Exercise data.
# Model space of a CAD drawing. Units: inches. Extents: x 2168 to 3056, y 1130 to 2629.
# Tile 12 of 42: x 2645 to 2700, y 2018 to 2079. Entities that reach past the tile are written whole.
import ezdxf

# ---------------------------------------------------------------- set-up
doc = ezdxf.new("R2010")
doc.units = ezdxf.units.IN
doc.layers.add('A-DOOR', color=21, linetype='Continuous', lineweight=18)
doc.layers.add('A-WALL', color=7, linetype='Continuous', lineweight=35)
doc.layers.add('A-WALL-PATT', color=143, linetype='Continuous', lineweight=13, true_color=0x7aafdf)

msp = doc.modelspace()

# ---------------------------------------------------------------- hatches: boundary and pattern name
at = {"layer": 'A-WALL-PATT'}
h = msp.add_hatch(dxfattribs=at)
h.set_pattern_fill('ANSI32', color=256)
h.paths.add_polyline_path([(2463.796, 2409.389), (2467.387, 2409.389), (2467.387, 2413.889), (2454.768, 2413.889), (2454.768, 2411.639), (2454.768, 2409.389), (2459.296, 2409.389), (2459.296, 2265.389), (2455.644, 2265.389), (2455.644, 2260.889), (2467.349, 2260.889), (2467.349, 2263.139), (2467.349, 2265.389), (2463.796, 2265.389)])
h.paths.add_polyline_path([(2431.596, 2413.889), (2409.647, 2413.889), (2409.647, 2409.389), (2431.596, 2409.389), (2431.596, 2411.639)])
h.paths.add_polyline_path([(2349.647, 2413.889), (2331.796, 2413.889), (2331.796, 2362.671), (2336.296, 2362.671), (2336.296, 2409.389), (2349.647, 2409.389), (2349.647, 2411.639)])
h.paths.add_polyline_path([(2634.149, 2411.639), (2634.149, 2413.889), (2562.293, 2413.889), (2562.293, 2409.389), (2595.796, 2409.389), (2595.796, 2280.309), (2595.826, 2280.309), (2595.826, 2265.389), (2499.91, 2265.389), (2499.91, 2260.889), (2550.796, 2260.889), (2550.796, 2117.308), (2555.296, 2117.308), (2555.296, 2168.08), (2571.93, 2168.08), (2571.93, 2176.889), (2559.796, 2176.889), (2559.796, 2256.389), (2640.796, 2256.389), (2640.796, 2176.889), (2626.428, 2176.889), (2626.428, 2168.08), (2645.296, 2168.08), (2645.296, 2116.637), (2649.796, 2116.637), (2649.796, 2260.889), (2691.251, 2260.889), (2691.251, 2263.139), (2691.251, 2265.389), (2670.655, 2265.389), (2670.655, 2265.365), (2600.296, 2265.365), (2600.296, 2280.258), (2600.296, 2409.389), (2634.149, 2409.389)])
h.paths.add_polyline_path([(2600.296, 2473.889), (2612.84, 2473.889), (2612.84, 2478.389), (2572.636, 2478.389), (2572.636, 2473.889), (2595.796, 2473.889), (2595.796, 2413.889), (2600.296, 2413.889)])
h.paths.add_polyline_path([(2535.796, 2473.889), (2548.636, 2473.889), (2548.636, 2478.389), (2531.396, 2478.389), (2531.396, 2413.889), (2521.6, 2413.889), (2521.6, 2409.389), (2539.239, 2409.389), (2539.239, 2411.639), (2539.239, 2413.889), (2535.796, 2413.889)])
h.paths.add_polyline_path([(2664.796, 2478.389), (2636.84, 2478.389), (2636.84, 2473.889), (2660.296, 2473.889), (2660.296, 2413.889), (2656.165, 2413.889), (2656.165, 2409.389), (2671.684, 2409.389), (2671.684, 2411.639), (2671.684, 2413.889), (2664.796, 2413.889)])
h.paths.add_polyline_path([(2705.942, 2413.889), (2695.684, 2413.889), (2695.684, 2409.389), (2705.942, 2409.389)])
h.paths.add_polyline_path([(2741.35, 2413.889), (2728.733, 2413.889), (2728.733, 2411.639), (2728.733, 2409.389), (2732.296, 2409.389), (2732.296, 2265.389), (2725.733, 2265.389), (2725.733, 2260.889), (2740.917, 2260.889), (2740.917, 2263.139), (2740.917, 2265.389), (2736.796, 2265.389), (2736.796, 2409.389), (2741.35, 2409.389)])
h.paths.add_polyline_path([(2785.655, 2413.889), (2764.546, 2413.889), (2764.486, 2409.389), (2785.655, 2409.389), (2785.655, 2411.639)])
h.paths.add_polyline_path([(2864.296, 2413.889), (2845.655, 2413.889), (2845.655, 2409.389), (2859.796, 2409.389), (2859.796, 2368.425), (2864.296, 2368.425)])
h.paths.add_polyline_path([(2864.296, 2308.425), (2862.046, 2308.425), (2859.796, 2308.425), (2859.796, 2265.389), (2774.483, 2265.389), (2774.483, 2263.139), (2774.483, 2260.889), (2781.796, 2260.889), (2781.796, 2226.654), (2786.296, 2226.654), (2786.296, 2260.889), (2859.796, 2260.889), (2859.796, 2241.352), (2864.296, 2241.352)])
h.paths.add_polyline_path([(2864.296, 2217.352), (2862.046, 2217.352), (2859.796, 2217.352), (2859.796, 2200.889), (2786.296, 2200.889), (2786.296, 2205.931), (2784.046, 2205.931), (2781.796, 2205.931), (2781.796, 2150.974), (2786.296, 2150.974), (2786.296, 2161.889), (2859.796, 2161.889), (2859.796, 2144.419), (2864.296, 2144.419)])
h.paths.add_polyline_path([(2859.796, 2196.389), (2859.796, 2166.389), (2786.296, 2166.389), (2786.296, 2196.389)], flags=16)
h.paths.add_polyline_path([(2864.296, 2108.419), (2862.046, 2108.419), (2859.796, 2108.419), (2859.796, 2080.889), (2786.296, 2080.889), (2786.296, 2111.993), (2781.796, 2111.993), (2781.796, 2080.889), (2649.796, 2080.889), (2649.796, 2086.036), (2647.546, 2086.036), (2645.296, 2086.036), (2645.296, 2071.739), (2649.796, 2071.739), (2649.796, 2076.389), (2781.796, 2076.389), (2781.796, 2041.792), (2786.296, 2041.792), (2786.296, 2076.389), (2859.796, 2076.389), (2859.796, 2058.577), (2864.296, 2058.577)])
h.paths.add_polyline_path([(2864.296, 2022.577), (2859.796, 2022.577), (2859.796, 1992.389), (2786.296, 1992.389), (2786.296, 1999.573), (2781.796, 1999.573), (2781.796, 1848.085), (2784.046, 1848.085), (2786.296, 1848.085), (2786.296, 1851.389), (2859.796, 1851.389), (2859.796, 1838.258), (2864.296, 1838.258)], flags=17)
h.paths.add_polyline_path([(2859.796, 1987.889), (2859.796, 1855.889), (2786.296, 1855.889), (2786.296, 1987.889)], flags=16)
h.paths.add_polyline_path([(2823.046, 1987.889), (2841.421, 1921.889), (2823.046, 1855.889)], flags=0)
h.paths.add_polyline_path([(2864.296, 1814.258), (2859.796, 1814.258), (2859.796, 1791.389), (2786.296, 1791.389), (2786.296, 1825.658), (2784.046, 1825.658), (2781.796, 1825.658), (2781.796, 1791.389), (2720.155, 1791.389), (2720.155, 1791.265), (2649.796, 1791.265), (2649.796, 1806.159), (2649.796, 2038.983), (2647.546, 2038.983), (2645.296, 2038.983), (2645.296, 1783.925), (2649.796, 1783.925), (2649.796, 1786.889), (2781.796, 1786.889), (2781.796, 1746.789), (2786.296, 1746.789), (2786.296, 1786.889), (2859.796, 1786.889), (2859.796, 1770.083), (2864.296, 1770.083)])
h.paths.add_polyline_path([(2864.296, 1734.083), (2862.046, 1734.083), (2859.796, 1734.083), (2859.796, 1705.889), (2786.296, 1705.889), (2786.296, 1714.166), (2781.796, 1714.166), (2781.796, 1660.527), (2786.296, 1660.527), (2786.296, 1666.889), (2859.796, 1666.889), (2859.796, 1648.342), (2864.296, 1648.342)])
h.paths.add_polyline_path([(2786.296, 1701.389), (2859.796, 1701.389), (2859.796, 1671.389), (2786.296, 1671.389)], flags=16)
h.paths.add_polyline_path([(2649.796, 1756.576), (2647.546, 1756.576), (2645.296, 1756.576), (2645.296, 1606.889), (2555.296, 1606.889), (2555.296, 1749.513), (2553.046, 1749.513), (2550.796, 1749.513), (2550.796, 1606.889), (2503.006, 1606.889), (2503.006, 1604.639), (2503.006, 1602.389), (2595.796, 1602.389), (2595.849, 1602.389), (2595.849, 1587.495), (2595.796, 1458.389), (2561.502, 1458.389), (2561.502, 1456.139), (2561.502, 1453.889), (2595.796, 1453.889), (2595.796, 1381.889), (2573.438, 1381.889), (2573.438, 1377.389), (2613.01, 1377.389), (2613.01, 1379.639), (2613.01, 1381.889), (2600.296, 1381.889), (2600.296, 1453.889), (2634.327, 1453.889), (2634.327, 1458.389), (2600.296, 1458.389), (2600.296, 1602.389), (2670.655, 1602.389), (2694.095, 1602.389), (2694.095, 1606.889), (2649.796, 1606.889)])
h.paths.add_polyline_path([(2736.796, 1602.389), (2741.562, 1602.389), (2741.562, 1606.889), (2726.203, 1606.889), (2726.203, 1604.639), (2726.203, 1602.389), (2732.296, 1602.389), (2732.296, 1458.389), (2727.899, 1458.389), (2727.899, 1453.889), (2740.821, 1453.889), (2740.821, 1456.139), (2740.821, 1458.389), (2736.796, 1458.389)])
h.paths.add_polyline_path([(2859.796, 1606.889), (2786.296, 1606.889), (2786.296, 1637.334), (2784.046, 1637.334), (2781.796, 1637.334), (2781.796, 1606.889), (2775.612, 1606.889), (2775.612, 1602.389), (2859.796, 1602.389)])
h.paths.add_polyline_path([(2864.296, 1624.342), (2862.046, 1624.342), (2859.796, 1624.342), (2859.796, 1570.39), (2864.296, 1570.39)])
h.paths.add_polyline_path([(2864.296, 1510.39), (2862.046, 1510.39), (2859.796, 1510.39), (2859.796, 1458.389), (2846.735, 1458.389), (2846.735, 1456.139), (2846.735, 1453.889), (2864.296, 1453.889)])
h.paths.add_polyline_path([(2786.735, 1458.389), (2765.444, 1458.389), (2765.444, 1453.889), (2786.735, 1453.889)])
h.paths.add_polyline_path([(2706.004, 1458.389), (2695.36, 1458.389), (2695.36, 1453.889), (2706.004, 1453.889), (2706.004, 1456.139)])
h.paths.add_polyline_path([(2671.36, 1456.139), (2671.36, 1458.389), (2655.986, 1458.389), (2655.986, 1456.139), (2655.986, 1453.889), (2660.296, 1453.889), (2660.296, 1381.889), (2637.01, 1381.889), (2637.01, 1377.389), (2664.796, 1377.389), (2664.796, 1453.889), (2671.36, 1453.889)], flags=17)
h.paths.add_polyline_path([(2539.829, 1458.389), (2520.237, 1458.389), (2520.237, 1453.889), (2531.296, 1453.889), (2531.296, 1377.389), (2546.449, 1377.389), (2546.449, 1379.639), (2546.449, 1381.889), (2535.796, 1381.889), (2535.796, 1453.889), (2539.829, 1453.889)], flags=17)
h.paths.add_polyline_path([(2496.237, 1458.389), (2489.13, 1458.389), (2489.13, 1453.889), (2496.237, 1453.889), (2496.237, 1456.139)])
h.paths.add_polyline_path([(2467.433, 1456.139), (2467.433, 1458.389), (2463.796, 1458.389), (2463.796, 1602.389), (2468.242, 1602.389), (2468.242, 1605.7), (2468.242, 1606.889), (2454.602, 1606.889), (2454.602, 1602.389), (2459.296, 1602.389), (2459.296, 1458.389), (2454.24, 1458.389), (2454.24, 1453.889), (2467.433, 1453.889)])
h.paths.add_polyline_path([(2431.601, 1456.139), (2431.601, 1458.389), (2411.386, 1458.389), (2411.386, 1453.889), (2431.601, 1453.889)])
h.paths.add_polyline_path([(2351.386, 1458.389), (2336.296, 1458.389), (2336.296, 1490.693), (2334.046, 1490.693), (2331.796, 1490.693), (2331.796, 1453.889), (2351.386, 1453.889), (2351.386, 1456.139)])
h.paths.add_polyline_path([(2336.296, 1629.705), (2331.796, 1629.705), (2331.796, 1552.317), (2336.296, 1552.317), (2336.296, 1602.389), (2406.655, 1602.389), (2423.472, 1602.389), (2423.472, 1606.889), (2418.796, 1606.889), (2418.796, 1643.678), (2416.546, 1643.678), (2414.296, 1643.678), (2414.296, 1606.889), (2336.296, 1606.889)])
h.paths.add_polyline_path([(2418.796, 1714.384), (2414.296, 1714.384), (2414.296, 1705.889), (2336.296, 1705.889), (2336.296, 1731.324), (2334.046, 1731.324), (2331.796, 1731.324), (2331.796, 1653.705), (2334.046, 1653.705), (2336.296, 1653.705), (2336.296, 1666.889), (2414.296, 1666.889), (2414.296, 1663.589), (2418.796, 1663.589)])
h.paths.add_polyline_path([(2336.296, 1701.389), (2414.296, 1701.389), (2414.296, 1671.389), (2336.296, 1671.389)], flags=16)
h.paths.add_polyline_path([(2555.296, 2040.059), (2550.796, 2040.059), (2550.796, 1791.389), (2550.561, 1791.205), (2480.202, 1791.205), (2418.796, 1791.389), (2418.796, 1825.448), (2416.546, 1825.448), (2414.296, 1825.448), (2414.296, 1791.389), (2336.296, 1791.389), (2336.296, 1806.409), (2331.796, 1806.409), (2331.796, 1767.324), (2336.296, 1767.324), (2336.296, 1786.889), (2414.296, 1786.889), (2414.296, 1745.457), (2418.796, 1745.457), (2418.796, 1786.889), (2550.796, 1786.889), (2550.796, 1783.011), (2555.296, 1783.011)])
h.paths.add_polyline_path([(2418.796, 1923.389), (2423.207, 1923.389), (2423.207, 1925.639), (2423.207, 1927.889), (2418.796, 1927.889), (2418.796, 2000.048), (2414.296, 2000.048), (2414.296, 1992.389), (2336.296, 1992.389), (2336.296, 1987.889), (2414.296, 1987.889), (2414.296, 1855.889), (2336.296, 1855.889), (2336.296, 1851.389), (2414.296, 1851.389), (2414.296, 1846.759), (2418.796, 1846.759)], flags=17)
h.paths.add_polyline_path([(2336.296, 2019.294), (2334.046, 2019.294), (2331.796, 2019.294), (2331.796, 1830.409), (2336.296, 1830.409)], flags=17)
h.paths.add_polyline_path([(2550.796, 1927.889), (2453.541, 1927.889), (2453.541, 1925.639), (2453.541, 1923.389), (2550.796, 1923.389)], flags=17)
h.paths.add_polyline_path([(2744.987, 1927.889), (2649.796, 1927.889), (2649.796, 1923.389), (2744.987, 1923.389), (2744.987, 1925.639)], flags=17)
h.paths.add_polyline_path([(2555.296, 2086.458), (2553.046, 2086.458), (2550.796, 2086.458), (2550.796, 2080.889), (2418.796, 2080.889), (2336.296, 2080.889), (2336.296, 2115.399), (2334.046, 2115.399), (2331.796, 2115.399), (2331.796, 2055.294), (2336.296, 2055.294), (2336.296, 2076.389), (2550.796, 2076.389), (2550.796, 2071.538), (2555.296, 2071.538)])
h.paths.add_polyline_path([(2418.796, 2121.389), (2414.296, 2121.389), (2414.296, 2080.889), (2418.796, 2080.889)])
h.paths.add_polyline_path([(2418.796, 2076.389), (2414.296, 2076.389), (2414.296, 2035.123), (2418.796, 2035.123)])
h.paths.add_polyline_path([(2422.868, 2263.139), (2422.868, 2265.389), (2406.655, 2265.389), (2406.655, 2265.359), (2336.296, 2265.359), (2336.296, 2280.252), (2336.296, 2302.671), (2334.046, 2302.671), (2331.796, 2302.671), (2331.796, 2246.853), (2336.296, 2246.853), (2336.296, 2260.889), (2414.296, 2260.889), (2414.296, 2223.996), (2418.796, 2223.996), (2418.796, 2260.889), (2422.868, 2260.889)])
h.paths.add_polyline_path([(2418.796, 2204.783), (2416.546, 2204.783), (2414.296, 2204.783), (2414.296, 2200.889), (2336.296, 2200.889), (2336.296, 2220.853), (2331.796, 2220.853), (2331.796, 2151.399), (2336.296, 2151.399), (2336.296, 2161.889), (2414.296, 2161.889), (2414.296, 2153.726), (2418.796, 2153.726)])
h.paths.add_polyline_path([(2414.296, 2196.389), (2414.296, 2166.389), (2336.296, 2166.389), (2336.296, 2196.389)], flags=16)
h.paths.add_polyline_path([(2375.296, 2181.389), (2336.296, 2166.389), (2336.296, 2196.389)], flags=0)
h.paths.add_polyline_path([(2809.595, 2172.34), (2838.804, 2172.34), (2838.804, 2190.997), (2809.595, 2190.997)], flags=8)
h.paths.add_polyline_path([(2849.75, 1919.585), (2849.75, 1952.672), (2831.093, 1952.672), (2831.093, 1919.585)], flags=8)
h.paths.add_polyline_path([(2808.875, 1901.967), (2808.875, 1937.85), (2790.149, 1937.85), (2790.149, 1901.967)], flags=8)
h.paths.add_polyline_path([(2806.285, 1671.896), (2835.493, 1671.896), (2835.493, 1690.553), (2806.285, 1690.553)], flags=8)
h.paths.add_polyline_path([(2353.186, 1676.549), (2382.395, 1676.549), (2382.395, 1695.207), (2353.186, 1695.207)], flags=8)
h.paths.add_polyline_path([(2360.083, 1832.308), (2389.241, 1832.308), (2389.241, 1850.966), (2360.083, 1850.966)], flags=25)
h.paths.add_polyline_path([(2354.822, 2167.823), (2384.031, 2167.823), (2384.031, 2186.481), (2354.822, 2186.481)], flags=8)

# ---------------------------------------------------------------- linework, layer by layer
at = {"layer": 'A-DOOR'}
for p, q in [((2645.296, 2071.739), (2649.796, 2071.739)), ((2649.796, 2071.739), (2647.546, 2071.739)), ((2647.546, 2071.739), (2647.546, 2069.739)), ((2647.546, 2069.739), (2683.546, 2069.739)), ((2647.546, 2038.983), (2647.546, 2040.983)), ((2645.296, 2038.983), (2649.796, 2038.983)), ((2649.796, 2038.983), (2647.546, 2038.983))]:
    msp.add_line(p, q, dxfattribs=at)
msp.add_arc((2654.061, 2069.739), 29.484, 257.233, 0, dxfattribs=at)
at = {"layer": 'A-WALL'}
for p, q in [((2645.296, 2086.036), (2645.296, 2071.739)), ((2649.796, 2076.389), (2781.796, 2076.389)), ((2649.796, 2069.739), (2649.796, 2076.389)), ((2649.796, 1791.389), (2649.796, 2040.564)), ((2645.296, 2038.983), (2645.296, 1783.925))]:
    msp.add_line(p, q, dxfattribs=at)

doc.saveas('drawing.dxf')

Task brief. In the listing above, find the line holding "2071.538), (2555.296, 2071.538)])" and the line holding "2035.123), (2418.796, 2035.123)])", then output those two lines and every line between them exactly.

Response box.
h.paths.add_polyline_path([(2555.296, 2086.458), (2553.046, 2086.458), (2550.796, 2086.458), (2550.796, 2080.889), (2418.796, 2080.889), (2336.296, 2080.889), (2336.296, 2115.399), (2334.046, 2115.399), (2331.796, 2115.399), (2331.796, 2055.294), (2336.296, 2055.294), (2336.296, 2076.389), (2550.796, 2076.389), (2550.796, 2071.538), (2555.296, 2071.538)])
h.paths.add_polyline_path([(2418.796, 2121.389), (2414.296, 2121.389), (2414.296, 2080.889), (2418.796, 2080.889)])
h.paths.add_polyline_path([(2418.796, 2076.389), (2414.296, 2076.389), (2414.296, 2035.123), (2418.796, 2035.123)])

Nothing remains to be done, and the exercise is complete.